Collected data

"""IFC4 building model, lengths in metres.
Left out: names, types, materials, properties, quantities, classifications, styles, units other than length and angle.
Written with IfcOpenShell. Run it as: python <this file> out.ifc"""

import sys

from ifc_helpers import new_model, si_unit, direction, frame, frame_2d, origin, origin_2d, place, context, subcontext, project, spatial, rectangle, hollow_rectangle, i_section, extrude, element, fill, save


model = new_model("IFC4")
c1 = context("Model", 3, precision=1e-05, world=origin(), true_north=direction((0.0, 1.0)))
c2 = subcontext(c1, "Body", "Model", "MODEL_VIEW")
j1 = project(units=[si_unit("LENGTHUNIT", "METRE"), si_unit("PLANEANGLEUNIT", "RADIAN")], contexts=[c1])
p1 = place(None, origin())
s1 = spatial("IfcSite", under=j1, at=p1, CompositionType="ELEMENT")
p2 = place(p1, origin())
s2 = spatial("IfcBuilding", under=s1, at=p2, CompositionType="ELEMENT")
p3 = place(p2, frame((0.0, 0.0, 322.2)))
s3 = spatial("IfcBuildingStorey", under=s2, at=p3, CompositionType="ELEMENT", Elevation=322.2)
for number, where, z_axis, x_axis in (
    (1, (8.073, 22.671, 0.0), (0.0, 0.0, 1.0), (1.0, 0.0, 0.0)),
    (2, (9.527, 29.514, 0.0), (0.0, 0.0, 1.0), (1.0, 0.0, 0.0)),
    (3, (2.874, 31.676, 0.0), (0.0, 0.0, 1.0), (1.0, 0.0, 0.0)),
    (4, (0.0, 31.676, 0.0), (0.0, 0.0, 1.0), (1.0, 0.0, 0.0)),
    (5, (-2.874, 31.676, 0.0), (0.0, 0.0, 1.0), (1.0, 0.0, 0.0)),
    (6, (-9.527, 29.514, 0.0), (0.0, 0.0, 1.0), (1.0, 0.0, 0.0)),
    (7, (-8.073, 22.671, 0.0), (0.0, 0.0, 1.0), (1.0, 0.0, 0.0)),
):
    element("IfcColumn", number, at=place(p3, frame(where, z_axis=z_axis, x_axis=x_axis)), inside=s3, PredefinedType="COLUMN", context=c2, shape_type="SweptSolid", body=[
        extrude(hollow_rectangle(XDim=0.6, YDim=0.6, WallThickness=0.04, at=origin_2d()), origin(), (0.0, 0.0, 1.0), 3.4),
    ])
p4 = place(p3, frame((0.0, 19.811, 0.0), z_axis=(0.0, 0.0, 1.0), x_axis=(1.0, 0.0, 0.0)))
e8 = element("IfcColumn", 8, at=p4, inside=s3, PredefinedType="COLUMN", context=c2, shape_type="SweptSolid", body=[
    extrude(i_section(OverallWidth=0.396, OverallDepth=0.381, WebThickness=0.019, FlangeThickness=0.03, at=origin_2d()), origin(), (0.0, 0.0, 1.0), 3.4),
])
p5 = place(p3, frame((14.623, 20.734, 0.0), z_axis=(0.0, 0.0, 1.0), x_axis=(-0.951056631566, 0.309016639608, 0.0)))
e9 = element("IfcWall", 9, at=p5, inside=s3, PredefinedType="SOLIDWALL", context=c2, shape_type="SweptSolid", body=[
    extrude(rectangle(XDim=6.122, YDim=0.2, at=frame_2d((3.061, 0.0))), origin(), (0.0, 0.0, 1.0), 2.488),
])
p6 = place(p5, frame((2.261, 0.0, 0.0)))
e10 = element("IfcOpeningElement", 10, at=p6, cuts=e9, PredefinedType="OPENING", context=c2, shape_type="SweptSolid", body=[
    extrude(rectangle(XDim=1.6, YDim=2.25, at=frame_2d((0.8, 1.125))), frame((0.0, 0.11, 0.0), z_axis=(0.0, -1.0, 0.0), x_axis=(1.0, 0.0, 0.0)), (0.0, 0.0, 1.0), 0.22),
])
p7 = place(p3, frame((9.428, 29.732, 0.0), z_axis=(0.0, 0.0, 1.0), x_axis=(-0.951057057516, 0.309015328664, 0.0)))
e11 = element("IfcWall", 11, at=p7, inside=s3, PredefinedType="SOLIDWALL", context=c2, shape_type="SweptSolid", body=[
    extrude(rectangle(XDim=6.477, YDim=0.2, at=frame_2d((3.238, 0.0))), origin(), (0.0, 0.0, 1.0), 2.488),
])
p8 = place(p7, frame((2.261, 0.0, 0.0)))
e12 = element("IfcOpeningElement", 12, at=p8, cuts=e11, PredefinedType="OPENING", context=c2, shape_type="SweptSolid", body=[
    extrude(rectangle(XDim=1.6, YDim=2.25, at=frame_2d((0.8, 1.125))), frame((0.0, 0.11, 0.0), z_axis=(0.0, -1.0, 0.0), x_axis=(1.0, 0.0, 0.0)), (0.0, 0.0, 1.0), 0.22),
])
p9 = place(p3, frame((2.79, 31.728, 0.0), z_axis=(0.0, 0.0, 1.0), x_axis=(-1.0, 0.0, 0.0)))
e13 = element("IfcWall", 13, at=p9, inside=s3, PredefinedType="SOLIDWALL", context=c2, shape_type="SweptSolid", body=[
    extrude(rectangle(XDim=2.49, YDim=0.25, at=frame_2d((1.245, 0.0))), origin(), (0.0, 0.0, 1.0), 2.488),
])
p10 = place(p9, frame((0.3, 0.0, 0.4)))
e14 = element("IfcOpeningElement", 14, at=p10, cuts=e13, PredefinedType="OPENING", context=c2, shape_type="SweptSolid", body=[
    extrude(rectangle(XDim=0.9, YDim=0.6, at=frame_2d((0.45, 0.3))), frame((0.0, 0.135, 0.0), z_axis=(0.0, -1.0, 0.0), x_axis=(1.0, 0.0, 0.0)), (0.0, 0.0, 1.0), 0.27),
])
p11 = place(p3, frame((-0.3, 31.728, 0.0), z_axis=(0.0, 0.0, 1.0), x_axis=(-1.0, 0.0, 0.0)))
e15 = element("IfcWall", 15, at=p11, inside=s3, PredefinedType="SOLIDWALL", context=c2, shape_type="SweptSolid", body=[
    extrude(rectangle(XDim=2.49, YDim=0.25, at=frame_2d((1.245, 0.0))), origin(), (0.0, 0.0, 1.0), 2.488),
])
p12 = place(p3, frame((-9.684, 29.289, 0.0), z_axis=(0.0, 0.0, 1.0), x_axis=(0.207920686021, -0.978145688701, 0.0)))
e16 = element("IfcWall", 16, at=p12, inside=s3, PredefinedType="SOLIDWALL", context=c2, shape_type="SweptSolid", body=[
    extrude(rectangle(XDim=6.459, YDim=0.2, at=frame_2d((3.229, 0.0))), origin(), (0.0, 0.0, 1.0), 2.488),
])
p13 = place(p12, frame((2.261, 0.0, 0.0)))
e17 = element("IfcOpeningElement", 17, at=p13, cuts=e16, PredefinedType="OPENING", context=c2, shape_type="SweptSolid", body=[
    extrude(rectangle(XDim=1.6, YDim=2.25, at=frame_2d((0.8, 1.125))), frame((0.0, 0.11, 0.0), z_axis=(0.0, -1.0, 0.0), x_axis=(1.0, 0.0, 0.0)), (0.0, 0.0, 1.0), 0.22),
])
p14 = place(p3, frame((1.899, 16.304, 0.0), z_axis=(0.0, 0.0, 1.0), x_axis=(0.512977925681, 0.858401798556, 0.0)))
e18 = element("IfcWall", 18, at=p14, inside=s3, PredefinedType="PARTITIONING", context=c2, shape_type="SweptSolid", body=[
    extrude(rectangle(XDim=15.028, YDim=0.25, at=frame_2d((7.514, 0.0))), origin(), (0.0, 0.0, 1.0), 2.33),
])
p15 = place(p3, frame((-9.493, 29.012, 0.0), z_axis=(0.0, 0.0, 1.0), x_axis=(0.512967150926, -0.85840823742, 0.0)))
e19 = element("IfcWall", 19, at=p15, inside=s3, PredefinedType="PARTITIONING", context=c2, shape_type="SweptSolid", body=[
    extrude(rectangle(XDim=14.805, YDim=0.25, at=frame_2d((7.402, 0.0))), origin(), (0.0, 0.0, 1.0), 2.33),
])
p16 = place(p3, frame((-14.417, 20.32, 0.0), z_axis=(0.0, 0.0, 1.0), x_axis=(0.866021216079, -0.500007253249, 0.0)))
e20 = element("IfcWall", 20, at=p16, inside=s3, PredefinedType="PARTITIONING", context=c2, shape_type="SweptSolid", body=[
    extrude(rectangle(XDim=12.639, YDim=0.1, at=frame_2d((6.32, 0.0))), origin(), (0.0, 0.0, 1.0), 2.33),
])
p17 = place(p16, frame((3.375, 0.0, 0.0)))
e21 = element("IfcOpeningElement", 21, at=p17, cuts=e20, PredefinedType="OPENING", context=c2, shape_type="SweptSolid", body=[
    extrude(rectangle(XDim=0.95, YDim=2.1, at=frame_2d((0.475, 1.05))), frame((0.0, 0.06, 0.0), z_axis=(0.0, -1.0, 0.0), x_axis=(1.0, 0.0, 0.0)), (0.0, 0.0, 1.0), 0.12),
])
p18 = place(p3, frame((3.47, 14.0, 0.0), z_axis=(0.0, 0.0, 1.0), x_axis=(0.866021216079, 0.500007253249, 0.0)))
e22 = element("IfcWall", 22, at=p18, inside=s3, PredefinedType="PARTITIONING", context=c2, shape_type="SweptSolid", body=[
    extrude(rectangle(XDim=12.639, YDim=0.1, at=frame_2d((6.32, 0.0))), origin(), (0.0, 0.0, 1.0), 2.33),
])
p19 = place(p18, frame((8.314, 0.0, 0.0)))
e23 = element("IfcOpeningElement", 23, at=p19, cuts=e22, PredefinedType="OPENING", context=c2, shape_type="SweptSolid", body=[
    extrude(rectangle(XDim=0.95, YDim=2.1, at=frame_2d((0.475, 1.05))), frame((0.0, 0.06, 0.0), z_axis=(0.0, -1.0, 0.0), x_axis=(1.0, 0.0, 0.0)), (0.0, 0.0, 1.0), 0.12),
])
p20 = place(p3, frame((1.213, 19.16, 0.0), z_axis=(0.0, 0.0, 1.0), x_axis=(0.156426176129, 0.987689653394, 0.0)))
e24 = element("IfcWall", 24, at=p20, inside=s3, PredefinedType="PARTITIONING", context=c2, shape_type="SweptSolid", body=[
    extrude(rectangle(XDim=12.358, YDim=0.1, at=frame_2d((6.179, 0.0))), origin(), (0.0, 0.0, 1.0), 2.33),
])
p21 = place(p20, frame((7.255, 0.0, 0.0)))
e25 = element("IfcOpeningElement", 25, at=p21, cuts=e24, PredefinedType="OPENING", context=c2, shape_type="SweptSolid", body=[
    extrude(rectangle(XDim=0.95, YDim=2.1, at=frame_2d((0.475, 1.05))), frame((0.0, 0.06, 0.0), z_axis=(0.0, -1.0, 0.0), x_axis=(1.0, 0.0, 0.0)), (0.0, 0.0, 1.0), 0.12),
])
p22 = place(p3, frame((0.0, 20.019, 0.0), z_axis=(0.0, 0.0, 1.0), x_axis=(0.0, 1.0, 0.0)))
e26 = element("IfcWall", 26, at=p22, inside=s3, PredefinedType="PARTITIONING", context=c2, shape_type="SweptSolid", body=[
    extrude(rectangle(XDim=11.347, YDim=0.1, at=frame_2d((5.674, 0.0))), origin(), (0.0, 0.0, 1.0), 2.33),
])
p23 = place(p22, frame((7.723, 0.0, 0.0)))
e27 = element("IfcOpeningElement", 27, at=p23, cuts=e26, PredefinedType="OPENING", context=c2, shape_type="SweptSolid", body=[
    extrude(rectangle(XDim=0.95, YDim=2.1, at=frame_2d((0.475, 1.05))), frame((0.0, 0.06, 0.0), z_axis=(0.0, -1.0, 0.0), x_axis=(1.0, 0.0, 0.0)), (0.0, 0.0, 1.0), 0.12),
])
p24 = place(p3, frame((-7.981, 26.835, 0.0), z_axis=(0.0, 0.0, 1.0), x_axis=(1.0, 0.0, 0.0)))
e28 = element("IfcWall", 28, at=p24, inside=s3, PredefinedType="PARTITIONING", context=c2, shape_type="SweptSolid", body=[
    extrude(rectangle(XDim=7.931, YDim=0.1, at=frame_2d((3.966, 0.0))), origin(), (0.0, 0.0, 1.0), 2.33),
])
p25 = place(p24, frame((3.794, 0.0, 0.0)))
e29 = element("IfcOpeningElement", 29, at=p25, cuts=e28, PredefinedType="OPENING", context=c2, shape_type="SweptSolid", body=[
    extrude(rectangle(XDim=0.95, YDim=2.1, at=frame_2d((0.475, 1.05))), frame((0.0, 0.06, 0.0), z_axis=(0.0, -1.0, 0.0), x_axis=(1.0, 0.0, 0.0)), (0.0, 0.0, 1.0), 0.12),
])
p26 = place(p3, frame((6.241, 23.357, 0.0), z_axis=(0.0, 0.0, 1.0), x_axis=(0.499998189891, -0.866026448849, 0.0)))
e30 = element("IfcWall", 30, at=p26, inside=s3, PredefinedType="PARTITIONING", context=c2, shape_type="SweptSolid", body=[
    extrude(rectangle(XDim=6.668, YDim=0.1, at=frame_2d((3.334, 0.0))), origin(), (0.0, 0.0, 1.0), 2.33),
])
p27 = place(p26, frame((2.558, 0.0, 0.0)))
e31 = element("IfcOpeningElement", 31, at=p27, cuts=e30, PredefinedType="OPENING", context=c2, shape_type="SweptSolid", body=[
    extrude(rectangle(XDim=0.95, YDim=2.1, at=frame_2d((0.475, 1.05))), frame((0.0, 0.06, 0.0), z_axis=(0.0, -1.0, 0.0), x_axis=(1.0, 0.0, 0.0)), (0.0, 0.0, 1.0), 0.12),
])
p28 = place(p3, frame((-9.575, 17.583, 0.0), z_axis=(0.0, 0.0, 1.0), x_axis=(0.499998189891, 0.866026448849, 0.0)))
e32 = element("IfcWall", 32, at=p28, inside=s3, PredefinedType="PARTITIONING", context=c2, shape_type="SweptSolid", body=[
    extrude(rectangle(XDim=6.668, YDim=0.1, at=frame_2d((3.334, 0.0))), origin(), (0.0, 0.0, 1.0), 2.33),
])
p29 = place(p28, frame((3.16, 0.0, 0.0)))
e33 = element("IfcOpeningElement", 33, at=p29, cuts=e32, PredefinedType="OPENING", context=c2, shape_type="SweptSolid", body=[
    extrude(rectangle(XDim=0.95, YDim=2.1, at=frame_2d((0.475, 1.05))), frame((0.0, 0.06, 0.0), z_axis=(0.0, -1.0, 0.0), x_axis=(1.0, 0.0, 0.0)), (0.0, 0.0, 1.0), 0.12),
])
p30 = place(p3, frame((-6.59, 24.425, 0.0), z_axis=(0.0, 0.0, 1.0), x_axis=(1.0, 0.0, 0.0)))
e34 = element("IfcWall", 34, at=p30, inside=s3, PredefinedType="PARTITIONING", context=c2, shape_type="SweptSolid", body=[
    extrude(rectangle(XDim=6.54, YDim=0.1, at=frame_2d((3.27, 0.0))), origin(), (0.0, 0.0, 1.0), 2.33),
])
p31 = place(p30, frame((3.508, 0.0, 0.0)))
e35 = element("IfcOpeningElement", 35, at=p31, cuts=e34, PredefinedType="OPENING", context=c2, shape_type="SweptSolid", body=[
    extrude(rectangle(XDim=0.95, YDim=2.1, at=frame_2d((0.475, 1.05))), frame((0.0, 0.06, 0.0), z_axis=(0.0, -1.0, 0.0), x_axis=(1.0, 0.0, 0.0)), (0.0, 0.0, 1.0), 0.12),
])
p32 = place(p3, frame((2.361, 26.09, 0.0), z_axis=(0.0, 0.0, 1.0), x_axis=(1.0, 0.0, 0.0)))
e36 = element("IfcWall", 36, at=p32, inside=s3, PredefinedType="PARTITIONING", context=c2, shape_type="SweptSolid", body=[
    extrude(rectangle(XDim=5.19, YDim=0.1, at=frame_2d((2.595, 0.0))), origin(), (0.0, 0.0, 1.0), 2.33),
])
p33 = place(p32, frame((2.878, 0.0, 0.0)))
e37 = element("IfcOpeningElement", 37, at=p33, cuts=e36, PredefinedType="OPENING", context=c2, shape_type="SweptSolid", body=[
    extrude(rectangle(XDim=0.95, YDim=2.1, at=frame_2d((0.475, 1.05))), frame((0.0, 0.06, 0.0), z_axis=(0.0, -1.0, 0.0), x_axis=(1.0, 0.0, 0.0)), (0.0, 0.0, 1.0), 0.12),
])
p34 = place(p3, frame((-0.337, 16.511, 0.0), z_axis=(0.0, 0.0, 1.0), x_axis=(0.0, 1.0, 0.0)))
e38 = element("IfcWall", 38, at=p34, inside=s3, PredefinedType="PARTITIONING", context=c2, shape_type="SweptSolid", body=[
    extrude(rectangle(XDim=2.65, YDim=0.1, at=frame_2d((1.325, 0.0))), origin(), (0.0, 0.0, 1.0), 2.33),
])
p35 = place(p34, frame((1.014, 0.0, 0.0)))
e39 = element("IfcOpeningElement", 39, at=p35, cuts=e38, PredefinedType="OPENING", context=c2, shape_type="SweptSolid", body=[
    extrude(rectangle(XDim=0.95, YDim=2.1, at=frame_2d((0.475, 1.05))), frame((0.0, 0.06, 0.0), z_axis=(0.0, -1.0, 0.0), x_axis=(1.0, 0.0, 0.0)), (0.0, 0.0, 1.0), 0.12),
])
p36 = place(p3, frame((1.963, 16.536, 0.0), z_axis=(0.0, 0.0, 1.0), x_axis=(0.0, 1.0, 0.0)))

Exercise: Which of the lines above hold the string "IfcColumn"? Copy each one.

Solution to this task:
    element("IfcColumn", number, at=place(p3, frame(where, z_axis=z_axis, x_axis=x_axis)), inside=s3, PredefinedType="COLUMN", context=c2, shape_type="SweptSolid", body=[
e8 = element("IfcColumn", 8, at=p4, inside=s3, PredefinedType="COLUMN", context=c2, shape_type="SweptSolid", body=[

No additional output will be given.